**What the exercise asks**
Only part of the listing is needed, namely the lines from its start through the line with "member_shape = member_262c5f3f(model_context)", and they should be retyped exactly.

────────────────────────────────────────

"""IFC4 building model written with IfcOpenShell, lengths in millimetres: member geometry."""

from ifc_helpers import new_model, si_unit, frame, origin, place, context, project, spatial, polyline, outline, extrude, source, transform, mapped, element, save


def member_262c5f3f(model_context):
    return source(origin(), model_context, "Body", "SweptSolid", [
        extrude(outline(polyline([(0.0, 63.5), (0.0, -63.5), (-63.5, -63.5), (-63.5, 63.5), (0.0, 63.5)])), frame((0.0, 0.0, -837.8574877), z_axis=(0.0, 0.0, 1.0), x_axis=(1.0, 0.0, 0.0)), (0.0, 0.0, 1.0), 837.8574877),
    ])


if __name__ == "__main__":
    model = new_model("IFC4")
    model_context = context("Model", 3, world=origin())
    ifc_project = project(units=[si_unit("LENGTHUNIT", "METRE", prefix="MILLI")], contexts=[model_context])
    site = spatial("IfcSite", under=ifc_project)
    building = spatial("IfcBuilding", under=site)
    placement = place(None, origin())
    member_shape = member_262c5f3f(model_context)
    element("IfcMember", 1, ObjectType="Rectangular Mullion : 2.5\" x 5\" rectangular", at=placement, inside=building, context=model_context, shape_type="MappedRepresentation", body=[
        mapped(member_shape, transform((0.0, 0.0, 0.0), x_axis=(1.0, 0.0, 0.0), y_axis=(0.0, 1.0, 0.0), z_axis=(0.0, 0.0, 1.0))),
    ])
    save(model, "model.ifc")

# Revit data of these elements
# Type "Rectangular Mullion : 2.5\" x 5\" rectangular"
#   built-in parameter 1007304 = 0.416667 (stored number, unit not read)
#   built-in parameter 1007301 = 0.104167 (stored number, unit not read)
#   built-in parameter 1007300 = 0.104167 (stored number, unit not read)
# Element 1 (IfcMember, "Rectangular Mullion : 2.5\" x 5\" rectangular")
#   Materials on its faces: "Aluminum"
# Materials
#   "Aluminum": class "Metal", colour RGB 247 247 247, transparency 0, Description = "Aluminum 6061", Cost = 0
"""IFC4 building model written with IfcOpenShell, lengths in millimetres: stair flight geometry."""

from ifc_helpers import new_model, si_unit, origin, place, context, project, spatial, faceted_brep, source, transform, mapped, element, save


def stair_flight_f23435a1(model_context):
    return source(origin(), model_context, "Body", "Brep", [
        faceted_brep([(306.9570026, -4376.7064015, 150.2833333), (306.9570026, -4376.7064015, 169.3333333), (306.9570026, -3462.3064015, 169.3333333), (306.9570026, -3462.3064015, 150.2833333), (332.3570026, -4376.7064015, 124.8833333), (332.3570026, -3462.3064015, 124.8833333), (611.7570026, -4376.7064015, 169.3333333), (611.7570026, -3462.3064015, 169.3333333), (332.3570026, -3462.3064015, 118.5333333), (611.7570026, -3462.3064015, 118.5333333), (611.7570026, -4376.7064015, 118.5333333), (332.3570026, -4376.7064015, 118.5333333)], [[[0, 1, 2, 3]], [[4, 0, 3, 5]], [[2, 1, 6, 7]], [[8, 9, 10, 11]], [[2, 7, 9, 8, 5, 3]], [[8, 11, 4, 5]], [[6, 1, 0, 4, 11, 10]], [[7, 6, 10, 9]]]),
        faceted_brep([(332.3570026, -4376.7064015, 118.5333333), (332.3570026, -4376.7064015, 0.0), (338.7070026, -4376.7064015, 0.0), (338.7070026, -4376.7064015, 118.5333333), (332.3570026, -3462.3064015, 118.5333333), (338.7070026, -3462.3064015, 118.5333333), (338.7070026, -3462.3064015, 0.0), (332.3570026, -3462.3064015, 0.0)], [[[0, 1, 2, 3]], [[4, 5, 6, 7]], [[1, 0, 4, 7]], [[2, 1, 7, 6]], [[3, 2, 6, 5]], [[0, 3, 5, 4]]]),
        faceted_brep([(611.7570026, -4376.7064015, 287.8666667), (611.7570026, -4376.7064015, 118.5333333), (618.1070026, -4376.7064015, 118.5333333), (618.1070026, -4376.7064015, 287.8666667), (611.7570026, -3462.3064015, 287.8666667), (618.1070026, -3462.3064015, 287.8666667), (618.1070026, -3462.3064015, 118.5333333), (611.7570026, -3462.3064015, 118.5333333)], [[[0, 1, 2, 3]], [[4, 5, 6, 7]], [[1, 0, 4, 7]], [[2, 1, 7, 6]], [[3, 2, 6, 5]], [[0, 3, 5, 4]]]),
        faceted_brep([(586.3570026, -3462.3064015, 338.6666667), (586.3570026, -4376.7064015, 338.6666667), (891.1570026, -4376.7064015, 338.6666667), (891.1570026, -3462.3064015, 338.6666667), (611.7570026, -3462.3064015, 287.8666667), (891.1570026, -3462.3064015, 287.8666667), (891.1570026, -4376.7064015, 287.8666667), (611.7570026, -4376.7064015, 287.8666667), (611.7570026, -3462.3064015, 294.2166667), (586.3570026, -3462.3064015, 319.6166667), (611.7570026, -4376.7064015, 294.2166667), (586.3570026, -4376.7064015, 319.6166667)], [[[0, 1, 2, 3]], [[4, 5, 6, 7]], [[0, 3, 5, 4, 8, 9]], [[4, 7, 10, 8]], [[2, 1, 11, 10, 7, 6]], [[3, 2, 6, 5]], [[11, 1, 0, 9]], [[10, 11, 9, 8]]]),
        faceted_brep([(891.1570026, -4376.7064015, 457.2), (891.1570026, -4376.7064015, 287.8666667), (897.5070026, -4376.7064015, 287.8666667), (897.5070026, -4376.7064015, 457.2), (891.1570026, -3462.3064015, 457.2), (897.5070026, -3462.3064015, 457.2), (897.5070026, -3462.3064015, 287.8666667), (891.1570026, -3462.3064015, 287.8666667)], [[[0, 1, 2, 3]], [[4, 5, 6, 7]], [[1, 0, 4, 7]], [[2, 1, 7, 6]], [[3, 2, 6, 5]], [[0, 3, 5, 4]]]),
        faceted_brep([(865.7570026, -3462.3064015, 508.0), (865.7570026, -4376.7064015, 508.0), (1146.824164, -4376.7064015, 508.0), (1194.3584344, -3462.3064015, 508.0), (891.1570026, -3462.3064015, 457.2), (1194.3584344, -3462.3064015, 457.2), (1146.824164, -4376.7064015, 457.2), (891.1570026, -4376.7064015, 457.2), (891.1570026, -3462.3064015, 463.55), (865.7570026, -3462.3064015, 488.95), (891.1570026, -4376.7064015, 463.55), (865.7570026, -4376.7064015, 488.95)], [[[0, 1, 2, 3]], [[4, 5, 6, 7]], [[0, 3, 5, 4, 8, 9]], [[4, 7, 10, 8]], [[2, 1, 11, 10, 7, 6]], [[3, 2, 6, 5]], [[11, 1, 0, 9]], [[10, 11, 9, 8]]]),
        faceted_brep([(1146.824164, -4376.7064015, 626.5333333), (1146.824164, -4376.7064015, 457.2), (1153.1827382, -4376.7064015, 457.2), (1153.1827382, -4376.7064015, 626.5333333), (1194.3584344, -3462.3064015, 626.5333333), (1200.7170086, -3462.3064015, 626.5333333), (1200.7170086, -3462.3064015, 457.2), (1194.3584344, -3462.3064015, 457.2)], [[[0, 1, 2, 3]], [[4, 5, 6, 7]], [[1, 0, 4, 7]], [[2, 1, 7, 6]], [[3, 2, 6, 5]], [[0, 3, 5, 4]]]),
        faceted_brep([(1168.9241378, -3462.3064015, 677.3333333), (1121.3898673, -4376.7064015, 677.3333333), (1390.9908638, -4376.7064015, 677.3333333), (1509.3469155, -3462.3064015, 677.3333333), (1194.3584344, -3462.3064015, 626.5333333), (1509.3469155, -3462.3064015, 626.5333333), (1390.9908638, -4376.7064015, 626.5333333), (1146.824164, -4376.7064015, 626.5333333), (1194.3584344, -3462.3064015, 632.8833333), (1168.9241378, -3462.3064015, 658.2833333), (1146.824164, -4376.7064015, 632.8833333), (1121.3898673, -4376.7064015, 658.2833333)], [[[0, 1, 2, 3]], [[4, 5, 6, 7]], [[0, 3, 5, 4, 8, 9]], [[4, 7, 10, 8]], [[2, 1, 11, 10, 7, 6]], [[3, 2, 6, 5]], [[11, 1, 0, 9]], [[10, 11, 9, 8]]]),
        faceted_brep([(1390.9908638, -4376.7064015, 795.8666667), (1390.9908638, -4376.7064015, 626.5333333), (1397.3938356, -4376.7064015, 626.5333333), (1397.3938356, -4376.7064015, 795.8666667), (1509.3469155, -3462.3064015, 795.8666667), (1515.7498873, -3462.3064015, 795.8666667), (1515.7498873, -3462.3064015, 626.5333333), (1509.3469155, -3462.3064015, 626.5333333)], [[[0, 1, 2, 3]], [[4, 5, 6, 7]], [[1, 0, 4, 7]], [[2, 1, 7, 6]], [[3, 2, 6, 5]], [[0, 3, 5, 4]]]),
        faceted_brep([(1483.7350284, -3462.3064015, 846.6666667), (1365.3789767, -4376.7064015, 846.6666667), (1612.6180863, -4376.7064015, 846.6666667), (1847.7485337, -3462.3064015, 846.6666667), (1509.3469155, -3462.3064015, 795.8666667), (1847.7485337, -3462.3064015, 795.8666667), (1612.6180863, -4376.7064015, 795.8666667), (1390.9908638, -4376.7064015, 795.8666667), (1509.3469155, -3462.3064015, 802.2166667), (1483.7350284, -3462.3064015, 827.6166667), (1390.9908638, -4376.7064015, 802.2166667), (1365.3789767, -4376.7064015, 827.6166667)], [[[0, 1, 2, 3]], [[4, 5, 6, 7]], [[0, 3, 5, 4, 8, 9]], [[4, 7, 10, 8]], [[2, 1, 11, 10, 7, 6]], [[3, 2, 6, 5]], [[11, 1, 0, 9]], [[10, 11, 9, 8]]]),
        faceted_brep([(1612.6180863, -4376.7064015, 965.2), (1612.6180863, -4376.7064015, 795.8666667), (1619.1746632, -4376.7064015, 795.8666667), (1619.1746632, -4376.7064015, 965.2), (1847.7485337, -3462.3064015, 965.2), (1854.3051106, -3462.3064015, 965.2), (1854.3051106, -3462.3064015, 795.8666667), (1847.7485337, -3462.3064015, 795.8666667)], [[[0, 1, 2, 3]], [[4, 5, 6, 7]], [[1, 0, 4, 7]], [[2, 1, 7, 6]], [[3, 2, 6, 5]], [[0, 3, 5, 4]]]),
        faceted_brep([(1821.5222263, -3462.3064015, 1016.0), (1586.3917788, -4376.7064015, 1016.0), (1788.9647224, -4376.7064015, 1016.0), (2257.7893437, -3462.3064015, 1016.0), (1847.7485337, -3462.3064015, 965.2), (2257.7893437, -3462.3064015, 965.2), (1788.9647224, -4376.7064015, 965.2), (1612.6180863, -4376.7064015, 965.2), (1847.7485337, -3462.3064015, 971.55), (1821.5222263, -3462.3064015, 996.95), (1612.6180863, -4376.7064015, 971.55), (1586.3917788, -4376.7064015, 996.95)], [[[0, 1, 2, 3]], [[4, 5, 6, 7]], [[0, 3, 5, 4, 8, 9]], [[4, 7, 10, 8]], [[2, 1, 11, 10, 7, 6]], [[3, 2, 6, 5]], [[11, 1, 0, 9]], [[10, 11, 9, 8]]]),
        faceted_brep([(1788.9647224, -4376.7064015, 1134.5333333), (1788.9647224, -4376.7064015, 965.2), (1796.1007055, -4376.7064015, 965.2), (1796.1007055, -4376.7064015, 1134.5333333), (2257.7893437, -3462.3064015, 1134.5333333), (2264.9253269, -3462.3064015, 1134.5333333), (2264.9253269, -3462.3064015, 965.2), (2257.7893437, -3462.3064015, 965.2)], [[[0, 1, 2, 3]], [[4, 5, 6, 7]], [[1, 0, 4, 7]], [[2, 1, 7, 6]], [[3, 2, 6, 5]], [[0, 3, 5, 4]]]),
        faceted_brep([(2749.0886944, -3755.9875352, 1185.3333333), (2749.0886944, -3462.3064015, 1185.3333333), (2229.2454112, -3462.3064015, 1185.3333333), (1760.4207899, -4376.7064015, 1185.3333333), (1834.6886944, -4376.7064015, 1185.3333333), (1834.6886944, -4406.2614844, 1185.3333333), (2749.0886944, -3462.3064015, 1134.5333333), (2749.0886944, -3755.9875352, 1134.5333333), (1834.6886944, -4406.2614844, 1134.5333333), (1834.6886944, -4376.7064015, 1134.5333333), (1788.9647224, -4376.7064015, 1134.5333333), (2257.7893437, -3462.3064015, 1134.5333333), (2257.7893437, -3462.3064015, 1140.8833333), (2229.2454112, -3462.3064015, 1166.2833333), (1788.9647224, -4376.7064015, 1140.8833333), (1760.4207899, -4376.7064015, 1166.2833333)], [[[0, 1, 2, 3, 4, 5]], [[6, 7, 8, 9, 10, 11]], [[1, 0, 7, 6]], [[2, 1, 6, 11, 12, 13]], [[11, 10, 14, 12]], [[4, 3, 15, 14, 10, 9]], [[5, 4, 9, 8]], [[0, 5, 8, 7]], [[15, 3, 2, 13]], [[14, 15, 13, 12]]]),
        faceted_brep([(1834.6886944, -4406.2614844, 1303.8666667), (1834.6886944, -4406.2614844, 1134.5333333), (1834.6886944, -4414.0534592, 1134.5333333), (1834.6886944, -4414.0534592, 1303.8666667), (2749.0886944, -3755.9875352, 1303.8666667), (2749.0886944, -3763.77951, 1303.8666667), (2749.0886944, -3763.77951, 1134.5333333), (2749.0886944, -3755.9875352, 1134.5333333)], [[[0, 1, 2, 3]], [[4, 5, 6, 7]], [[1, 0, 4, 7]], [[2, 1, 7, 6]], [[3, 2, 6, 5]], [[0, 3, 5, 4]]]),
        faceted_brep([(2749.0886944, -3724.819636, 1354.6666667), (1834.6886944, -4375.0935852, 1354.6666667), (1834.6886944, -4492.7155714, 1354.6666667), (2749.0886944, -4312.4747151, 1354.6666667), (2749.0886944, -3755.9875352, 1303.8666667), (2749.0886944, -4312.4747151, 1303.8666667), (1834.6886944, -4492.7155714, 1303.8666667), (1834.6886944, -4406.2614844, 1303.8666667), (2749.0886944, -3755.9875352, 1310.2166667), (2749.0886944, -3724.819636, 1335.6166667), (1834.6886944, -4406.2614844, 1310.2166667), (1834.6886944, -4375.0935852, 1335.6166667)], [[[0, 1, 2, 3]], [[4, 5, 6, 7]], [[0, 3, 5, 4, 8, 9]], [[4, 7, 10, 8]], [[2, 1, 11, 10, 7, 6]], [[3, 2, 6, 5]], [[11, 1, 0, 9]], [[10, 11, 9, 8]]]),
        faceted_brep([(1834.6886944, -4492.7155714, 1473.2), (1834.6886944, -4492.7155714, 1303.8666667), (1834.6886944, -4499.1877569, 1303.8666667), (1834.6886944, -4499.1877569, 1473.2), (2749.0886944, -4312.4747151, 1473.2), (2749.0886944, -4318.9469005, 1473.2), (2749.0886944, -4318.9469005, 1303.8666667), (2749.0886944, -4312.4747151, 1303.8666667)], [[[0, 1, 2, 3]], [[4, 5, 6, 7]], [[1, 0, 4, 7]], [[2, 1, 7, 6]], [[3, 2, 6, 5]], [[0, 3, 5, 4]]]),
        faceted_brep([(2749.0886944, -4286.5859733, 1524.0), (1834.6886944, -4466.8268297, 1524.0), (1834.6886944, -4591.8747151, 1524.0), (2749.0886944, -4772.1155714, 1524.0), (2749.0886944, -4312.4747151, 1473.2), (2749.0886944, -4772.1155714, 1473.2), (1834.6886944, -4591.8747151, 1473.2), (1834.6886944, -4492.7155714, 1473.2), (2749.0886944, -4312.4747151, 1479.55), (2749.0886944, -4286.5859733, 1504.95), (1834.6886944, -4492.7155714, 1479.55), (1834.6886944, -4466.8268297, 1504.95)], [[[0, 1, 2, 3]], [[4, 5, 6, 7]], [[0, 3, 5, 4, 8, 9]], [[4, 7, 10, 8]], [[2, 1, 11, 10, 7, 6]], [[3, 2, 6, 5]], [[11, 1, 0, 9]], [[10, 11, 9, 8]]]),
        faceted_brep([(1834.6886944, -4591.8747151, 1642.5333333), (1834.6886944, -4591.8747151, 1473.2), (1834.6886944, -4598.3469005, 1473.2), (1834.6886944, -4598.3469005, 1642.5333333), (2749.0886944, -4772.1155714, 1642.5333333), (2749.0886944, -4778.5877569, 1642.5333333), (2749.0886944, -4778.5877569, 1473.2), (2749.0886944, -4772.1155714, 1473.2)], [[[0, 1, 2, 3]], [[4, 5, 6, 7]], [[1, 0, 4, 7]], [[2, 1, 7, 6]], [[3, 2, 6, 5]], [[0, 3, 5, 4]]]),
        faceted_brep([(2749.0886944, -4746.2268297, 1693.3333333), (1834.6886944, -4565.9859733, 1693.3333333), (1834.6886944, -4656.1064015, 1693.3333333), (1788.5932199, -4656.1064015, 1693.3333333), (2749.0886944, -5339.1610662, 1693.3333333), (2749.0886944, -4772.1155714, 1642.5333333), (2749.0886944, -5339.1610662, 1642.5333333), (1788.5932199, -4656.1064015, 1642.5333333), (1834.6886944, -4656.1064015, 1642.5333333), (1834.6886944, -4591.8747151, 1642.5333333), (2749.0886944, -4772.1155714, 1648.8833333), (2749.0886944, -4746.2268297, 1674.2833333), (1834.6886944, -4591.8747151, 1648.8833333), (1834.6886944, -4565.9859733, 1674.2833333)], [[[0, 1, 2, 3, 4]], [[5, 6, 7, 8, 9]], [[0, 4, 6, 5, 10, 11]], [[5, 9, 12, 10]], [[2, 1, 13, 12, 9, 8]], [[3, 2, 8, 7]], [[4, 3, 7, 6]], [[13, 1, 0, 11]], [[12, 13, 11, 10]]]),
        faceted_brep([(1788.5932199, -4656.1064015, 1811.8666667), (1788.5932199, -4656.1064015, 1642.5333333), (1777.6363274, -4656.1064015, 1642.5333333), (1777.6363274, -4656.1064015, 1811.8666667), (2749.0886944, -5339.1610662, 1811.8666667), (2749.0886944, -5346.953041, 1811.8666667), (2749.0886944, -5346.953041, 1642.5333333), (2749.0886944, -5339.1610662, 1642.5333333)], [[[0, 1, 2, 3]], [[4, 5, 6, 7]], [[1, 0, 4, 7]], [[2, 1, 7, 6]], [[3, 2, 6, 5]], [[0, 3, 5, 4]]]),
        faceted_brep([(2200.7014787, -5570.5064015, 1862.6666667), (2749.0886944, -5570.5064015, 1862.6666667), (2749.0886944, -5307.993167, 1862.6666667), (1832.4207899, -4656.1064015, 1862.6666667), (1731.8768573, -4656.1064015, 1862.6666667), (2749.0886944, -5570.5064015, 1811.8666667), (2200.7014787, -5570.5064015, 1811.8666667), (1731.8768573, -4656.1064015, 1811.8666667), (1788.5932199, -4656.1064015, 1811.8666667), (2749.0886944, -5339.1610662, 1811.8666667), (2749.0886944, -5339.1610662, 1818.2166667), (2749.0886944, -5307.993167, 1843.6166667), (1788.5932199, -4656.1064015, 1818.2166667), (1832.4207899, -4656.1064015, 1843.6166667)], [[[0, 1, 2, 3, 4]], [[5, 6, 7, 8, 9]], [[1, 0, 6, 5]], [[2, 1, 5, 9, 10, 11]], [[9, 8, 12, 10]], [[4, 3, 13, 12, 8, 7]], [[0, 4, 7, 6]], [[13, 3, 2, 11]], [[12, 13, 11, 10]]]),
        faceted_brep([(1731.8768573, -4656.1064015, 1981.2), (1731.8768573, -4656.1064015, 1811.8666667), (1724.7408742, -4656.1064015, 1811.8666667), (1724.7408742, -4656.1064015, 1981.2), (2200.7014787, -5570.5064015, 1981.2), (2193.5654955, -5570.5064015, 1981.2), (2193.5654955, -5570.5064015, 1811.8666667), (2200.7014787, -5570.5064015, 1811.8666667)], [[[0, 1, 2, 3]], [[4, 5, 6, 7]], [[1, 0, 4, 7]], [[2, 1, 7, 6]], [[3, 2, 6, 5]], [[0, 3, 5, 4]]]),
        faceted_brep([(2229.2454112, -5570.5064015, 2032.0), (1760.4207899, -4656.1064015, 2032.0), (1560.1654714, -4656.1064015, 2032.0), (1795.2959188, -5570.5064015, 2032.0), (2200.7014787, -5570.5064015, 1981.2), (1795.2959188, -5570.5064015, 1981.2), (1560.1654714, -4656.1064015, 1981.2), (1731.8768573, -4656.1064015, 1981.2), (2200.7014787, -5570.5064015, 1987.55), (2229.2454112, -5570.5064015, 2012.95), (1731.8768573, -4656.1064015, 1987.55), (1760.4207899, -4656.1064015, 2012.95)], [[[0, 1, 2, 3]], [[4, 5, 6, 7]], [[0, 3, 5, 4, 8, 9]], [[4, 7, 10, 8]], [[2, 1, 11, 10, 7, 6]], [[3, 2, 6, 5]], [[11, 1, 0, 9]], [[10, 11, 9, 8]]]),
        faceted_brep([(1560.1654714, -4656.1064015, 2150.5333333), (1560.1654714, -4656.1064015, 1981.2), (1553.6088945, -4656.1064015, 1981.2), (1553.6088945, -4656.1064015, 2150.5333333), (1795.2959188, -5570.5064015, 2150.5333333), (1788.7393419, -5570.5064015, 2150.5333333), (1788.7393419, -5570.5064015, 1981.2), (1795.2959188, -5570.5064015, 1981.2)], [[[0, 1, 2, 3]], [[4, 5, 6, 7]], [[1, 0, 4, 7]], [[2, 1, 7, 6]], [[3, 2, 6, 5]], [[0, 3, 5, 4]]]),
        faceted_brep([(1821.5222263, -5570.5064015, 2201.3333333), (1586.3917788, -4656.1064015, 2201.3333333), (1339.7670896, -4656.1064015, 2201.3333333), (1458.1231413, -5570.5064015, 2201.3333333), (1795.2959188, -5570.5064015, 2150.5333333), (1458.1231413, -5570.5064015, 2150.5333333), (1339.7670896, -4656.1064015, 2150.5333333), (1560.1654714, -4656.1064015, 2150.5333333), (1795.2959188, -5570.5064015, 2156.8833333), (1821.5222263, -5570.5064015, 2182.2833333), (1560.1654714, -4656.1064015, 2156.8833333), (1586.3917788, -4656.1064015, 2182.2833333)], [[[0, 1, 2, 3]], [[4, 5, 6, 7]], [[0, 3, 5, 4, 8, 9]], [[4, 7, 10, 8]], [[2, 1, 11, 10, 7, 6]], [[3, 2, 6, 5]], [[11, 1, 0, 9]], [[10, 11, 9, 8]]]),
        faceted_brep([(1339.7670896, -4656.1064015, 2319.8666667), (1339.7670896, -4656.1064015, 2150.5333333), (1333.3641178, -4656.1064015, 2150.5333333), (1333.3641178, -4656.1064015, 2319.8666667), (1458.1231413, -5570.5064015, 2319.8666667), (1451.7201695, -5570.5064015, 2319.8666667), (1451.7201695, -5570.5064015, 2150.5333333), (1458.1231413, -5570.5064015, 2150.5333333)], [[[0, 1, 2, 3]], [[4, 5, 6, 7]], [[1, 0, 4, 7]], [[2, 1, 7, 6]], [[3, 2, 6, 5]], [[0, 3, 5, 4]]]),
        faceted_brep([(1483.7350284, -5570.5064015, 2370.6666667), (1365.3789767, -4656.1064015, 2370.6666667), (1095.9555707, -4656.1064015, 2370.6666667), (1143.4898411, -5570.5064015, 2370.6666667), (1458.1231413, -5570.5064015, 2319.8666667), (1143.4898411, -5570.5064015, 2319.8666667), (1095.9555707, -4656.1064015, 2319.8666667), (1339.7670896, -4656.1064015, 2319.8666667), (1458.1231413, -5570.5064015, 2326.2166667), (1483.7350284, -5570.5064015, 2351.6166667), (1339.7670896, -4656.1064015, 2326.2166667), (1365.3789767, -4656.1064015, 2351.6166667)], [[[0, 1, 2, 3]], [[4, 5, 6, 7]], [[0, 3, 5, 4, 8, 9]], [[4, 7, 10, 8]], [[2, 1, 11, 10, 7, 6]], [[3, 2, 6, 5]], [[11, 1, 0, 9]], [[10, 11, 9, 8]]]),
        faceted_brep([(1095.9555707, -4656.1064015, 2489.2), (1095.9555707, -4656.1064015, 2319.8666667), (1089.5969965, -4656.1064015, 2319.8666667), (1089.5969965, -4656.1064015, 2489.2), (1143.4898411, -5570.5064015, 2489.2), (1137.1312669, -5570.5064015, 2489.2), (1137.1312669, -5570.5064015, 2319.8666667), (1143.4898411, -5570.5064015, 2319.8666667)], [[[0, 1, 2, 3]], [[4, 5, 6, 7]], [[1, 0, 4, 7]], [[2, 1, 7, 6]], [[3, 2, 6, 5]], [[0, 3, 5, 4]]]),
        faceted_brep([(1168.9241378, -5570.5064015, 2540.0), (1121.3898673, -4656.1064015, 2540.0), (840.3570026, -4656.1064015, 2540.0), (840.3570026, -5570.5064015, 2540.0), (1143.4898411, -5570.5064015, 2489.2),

────────────────────────────────────────

**Response to the task**
"""IFC4 building model written with IfcOpenShell, lengths in millimetres: member geometry."""

from ifc_helpers import new_model, si_unit, frame, origin, place, context, project, spatial, polyline, outline, extrude, source, transform, mapped, element, save


def member_262c5f3f(model_context):
    return source(origin(), model_context, "Body", "SweptSolid", [
        extrude(outline(polyline([(0.0, 63.5), (0.0, -63.5), (-63.5, -63.5), (-63.5, 63.5), (0.0, 63.5)])), frame((0.0, 0.0, -837.8574877), z_axis=(0.0, 0.0, 1.0), x_axis=(1.0, 0.0, 0.0)), (0.0, 0.0, 1.0), 837.8574877),
    ])


if __name__ == "__main__":
    model = new_model("IFC4")
    model_context = context("Model", 3, world=origin())
    ifc_project = project(units=[si_unit("LENGTHUNIT", "METRE", prefix="MILLI")], contexts=[model_context])
    site = spatial("IfcSite", under=ifc_project)
    building = spatial("IfcBuilding", under=site)
    placement = place(None, origin())
    member_shape = member_262c5f3f(model_context)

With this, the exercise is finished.